Try it:
Starting at the first line of the entries below, please return exactly each line up to and including the one with "x_axis=(0.5, 0.866025403784, 0.0)))"; pictures stay out.

Extracted information:
»»
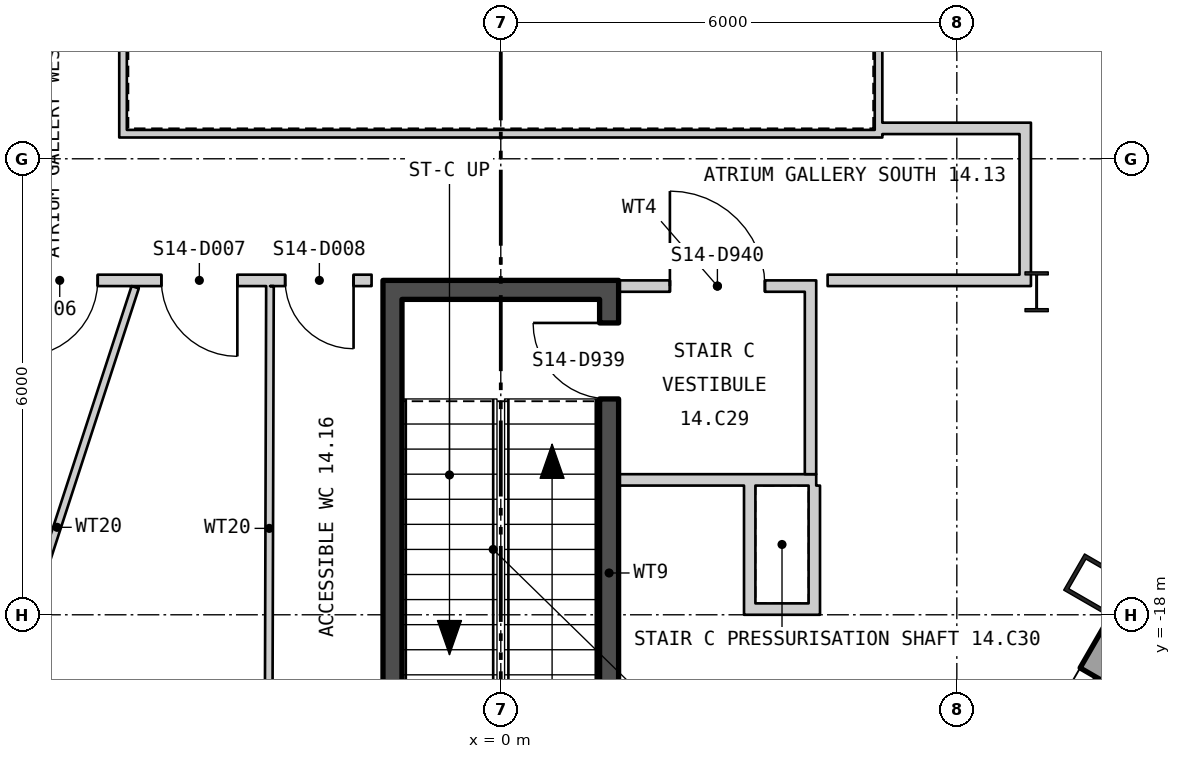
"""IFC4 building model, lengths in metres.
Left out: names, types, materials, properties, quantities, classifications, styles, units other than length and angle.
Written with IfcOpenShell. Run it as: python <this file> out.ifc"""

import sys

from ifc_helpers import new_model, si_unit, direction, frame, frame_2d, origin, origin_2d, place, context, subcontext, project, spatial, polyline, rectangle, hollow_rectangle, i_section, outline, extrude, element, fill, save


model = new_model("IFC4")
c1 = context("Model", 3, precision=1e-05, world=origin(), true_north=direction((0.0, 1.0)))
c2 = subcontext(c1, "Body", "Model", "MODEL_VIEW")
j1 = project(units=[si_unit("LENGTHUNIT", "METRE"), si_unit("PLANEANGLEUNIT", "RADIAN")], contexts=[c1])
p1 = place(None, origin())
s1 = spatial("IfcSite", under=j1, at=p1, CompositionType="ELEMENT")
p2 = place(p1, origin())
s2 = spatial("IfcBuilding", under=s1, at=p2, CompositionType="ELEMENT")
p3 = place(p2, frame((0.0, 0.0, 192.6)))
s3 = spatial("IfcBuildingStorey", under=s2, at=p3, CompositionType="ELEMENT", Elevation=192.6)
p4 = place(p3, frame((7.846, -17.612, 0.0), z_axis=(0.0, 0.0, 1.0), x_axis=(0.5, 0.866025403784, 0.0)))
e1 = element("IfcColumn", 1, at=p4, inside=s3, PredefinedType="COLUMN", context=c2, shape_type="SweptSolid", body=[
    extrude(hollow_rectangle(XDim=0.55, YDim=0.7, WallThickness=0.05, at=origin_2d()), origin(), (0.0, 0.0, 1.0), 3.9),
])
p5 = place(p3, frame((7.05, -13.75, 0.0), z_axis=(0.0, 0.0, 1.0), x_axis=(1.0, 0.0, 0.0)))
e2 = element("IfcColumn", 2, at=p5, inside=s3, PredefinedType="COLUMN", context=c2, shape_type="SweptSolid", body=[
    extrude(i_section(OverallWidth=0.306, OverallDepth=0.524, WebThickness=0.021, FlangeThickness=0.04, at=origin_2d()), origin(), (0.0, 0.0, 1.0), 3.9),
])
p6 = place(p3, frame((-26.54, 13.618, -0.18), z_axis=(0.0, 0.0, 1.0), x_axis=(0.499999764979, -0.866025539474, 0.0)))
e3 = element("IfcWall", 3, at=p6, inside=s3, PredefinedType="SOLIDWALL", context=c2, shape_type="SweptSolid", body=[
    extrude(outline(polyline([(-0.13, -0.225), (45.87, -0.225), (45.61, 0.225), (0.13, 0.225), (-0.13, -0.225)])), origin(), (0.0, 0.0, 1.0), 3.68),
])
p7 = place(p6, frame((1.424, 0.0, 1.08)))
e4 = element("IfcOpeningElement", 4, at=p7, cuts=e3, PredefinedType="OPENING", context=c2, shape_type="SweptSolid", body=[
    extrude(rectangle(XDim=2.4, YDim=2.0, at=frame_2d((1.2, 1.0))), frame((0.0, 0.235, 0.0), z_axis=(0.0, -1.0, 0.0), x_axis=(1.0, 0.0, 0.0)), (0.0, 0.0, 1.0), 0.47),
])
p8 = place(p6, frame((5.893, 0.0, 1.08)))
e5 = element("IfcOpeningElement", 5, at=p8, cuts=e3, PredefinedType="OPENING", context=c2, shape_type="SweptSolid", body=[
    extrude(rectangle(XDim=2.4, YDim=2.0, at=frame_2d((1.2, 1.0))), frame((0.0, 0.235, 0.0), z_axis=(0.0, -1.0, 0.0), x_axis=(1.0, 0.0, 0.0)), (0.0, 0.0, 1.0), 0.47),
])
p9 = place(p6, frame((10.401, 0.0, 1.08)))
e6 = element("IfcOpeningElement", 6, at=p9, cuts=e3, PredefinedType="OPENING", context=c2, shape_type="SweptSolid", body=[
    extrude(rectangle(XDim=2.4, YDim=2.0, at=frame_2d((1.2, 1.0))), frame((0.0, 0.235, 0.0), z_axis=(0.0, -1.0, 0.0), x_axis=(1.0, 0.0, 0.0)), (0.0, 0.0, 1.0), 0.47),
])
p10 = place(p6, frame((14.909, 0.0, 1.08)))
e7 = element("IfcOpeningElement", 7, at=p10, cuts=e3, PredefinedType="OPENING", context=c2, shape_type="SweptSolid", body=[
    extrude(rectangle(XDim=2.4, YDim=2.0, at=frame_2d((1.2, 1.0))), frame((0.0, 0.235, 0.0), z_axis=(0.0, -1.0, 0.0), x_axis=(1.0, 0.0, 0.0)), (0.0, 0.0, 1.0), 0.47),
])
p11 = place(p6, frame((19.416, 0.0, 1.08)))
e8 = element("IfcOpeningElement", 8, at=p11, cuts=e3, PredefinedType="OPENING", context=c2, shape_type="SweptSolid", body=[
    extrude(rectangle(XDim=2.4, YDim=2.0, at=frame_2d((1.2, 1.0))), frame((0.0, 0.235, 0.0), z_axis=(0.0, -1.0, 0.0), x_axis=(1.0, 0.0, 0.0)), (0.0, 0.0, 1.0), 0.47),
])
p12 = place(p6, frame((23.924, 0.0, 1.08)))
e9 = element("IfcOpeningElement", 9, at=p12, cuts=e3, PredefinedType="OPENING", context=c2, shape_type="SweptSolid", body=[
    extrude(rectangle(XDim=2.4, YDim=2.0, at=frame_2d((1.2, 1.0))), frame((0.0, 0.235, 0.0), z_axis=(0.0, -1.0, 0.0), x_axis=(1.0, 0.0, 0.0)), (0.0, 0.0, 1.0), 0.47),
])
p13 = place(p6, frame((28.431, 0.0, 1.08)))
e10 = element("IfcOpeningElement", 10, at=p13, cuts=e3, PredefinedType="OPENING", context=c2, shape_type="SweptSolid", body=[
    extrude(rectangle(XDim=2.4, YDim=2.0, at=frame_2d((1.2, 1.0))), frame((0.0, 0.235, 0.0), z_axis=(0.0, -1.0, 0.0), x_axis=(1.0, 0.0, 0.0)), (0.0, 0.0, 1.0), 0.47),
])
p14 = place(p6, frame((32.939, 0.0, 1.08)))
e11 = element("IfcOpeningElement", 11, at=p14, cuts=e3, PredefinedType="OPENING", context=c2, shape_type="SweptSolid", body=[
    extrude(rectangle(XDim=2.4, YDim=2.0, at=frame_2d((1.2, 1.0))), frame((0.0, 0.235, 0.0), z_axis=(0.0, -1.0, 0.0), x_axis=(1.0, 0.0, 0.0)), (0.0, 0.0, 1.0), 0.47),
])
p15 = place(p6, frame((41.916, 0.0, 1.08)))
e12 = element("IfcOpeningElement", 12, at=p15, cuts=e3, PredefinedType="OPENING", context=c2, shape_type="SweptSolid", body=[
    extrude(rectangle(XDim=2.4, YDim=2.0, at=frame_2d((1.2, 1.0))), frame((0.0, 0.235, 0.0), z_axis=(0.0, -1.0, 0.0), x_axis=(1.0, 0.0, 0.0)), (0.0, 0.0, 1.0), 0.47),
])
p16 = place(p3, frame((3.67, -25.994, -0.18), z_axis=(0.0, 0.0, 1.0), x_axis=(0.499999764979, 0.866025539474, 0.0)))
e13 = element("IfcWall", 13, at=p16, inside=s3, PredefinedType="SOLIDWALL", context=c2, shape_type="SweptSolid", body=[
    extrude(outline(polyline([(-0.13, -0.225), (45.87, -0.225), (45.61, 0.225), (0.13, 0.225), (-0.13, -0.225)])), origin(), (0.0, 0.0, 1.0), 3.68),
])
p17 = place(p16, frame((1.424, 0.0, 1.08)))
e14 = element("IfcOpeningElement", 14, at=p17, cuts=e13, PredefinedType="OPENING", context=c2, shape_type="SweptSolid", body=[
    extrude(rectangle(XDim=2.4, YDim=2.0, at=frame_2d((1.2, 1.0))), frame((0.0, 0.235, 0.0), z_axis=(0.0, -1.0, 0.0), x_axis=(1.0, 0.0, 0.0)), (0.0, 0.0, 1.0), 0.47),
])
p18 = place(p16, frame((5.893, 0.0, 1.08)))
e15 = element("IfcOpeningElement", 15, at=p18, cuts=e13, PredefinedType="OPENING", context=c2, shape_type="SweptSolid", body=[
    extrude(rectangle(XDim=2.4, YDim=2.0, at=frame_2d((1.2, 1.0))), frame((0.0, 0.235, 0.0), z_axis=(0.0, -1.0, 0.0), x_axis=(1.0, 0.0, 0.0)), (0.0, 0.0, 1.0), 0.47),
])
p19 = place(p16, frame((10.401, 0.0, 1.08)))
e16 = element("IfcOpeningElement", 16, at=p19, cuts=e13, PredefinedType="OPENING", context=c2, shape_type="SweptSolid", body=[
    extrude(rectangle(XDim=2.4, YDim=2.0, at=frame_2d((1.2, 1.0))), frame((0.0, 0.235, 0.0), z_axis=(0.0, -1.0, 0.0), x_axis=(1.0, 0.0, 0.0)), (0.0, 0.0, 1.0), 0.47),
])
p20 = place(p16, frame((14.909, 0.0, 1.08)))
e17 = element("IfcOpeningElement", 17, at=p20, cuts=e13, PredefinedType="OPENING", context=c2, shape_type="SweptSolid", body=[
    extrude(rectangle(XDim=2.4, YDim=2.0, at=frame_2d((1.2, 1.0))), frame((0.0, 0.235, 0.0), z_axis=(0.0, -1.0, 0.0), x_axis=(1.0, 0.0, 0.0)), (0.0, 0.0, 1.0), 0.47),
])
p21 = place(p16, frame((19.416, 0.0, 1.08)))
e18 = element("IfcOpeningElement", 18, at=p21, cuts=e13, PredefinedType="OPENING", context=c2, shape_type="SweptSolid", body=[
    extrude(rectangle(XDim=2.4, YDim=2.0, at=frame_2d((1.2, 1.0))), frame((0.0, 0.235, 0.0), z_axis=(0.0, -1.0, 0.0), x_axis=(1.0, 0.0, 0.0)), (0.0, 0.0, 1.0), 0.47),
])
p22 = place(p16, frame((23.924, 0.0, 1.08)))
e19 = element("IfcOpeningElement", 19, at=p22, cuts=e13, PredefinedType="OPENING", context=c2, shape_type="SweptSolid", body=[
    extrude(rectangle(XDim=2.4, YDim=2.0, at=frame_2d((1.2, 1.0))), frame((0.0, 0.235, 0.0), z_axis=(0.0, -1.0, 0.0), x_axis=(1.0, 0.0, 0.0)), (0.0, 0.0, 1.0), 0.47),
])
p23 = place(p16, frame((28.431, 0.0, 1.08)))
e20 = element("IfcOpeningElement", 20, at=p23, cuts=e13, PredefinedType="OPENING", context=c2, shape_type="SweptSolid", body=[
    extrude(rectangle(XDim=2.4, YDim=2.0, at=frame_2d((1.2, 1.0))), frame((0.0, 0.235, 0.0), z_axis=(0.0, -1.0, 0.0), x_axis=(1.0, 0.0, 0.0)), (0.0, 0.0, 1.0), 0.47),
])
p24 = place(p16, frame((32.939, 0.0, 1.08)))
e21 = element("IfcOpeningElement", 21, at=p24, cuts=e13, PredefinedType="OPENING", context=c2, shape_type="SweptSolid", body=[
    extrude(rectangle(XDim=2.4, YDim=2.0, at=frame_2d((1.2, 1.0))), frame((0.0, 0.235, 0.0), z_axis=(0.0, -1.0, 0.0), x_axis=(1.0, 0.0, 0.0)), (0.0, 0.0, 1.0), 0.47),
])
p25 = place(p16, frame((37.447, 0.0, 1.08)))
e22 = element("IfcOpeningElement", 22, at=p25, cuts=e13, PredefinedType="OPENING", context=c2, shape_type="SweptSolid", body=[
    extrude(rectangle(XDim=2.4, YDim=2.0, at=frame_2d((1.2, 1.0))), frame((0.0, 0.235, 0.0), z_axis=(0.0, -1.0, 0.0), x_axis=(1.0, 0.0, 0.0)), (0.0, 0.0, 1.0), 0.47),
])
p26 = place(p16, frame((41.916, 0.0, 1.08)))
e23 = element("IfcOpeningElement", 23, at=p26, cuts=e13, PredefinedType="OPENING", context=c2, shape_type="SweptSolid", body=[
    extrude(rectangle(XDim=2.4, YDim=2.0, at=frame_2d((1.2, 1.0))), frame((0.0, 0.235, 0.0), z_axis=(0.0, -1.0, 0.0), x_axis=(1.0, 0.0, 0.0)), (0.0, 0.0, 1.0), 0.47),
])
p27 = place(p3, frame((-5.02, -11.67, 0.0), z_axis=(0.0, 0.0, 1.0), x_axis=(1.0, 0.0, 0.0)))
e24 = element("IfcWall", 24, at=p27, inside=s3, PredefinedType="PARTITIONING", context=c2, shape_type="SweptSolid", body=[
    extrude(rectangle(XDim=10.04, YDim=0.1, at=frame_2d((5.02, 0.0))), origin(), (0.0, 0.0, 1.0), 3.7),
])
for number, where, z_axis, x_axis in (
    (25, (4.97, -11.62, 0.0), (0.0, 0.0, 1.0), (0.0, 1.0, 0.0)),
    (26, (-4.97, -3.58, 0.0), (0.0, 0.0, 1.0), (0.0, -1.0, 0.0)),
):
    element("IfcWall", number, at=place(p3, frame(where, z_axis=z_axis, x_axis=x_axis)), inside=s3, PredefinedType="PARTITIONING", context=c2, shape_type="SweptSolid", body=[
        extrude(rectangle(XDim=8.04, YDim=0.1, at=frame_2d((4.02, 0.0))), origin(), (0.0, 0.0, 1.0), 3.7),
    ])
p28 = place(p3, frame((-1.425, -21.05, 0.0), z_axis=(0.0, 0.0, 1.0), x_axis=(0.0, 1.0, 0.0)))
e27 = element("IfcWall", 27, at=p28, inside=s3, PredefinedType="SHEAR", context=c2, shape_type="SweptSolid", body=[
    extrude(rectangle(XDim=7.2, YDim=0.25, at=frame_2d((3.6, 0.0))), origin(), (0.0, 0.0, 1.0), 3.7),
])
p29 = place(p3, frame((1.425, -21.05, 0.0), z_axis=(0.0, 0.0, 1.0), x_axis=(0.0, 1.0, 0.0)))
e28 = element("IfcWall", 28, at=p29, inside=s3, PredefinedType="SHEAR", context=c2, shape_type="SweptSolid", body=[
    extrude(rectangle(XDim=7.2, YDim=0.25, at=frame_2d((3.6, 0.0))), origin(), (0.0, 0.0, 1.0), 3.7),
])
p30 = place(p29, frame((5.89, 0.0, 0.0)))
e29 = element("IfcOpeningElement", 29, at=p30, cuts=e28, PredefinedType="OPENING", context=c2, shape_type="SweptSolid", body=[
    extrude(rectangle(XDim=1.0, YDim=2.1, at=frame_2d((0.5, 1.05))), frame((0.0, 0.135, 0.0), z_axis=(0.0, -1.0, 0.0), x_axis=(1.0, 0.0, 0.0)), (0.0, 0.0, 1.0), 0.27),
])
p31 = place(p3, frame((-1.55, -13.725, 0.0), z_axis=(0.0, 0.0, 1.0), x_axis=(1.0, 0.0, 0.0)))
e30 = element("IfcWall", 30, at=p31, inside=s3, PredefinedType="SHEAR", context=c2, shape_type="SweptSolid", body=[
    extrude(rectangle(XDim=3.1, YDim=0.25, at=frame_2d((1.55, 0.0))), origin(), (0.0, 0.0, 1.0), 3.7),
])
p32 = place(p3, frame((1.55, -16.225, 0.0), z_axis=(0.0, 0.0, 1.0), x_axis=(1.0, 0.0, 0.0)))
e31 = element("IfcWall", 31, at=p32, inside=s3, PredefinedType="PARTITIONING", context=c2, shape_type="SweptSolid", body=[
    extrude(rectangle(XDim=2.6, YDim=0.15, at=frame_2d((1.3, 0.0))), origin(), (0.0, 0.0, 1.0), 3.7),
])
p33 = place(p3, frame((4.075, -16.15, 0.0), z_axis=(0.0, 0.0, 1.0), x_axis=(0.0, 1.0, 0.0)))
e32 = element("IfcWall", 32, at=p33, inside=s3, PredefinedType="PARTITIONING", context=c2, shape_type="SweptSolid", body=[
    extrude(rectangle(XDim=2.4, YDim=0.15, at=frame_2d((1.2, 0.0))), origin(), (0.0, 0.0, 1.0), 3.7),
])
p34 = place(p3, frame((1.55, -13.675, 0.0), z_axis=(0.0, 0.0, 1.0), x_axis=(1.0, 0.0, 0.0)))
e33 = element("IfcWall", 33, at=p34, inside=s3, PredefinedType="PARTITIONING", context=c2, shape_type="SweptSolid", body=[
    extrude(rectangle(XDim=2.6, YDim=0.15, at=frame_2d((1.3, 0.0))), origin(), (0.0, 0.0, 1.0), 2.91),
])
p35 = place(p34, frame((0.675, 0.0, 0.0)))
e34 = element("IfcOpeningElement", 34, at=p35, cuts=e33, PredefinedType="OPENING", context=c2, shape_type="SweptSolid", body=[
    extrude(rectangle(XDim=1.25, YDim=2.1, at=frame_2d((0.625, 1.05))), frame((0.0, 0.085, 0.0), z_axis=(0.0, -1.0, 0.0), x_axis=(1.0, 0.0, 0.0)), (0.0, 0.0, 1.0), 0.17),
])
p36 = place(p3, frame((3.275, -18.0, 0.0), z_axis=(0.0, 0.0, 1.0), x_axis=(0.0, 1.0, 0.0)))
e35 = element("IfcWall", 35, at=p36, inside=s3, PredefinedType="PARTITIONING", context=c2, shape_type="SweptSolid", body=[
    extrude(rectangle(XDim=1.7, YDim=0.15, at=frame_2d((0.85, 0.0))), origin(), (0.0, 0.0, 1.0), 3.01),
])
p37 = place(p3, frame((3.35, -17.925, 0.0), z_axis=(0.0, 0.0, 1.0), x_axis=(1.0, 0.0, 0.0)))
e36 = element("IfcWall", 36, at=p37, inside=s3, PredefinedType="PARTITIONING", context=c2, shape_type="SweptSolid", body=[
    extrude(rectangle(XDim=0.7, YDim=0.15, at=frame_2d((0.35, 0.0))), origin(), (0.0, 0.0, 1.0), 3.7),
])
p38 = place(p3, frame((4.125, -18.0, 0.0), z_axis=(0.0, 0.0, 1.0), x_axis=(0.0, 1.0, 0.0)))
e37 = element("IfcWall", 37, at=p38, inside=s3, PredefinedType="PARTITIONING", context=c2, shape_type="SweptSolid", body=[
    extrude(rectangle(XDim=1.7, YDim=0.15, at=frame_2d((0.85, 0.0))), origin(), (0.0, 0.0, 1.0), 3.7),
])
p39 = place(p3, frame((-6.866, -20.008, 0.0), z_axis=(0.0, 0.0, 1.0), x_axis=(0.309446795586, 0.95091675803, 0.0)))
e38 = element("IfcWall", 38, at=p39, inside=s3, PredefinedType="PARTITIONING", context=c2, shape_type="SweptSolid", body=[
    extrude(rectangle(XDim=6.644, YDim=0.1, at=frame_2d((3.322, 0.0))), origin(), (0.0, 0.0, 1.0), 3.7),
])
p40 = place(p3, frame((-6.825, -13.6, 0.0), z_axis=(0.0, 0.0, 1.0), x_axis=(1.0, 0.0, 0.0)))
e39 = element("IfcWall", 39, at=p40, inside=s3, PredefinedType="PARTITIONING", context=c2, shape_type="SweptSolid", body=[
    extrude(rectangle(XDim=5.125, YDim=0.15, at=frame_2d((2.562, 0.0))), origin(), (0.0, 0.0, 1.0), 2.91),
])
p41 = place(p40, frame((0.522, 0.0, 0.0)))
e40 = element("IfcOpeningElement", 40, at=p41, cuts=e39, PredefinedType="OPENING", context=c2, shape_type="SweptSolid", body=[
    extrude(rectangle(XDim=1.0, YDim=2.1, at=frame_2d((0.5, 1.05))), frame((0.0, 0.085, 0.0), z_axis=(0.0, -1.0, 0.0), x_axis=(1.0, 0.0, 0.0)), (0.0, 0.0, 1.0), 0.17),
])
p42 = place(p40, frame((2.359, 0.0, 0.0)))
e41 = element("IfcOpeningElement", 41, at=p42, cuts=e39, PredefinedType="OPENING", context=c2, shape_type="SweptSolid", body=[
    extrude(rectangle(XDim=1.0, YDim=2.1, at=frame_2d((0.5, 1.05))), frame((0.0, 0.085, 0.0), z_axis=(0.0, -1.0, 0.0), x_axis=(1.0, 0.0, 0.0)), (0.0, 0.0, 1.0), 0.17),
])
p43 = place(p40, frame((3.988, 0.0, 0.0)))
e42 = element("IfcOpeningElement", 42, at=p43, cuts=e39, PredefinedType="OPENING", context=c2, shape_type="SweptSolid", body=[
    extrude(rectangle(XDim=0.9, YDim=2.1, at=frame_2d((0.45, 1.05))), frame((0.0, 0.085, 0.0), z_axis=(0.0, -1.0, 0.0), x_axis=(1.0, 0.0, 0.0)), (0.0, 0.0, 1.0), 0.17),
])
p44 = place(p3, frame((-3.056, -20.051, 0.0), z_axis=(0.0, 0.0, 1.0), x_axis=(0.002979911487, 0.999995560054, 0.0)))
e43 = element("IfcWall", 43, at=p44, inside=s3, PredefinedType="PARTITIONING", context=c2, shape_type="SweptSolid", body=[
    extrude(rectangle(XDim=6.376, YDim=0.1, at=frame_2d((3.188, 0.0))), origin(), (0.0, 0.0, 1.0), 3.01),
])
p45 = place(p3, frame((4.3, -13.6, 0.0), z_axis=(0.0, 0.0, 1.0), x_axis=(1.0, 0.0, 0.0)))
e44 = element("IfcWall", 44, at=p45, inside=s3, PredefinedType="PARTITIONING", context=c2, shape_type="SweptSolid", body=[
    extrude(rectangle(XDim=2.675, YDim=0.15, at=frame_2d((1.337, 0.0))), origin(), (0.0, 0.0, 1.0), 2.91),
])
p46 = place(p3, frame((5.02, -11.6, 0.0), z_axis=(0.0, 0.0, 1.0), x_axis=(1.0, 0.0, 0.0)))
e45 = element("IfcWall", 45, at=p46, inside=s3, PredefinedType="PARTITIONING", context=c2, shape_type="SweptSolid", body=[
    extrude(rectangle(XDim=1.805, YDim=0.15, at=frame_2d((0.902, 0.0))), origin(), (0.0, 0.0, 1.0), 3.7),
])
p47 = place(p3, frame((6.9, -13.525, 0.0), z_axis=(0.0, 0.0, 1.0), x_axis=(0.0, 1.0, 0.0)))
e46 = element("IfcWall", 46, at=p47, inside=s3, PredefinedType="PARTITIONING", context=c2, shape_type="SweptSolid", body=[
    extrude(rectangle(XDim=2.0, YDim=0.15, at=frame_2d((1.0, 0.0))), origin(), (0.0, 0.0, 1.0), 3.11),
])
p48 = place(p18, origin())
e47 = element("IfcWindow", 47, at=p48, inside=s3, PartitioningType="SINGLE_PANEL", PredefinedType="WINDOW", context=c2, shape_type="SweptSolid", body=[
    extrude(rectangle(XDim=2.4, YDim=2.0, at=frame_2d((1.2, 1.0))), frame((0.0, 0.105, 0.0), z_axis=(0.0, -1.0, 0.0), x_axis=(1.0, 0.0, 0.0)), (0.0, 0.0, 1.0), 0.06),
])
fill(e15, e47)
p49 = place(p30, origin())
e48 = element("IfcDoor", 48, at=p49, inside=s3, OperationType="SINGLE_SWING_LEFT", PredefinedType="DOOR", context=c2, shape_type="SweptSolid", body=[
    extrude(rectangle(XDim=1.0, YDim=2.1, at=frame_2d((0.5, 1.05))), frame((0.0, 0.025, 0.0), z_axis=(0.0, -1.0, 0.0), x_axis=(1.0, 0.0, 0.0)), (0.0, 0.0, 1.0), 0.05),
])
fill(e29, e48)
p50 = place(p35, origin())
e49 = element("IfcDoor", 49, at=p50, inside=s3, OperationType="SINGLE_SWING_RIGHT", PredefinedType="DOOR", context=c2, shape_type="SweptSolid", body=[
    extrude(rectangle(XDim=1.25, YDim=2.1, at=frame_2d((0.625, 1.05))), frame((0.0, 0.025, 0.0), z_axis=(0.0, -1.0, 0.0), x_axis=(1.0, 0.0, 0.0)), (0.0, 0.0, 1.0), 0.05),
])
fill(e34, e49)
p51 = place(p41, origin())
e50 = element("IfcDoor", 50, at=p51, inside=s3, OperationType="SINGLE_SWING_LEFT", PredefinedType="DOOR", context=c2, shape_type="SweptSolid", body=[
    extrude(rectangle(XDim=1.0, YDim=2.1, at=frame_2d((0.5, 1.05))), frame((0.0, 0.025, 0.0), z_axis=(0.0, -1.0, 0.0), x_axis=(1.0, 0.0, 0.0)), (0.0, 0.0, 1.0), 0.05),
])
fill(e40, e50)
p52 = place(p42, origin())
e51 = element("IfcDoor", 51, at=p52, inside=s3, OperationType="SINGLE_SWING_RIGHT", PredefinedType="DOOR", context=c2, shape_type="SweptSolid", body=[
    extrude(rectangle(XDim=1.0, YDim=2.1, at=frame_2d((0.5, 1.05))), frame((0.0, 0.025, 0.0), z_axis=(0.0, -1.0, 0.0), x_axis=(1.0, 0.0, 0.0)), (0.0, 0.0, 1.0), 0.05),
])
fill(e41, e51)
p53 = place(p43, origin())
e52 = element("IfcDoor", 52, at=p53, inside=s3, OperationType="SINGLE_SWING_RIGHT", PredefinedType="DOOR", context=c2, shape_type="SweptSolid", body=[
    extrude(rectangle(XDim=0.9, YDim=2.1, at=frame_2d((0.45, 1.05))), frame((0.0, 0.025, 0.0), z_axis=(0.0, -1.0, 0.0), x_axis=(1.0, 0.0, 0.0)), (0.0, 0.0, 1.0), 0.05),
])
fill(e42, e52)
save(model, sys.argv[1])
««
Response for this exercise:
"""IFC4 building model, lengths in metres.
Left out: names, types, materials, properties, quantities, classifications, styles, units other than length and angle.
Written with IfcOpenShell. Run it as: python <this file> out.ifc"""

import sys

from ifc_helpers import new_model, si_unit, direction, frame, frame_2d, origin, origin_2d, place, context, subcontext, project, spatial, polyline, rectangle, hollow_rectangle, i_section, outline, extrude, element, fill, save


model = new_model("IFC4")
c1 = context("Model", 3, precision=1e-05, world=origin(), true_north=direction((0.0, 1.0)))
c2 = subcontext(c1, "Body", "Model", "MODEL_VIEW")
j1 = project(units=[si_unit("LENGTHUNIT", "METRE"), si_unit("PLANEANGLEUNIT", "RADIAN")], contexts=[c1])
p1 = place(None, origin())
s1 = spatial("IfcSite", under=j1, at=p1, CompositionType="ELEMENT")
p2 = place(p1, origin())
s2 = spatial("IfcBuilding", under=s1, at=p2, CompositionType="ELEMENT")
p3 = place(p2, frame((0.0, 0.0, 192.6)))
s3 = spatial("IfcBuildingStorey", under=s2, at=p3, CompositionType="ELEMENT", Elevation=192.6)
p4 = place(p3, frame((7.846, -17.612, 0.0), z_axis=(0.0, 0.0, 1.0), x_axis=(0.5, 0.866025403784, 0.0)))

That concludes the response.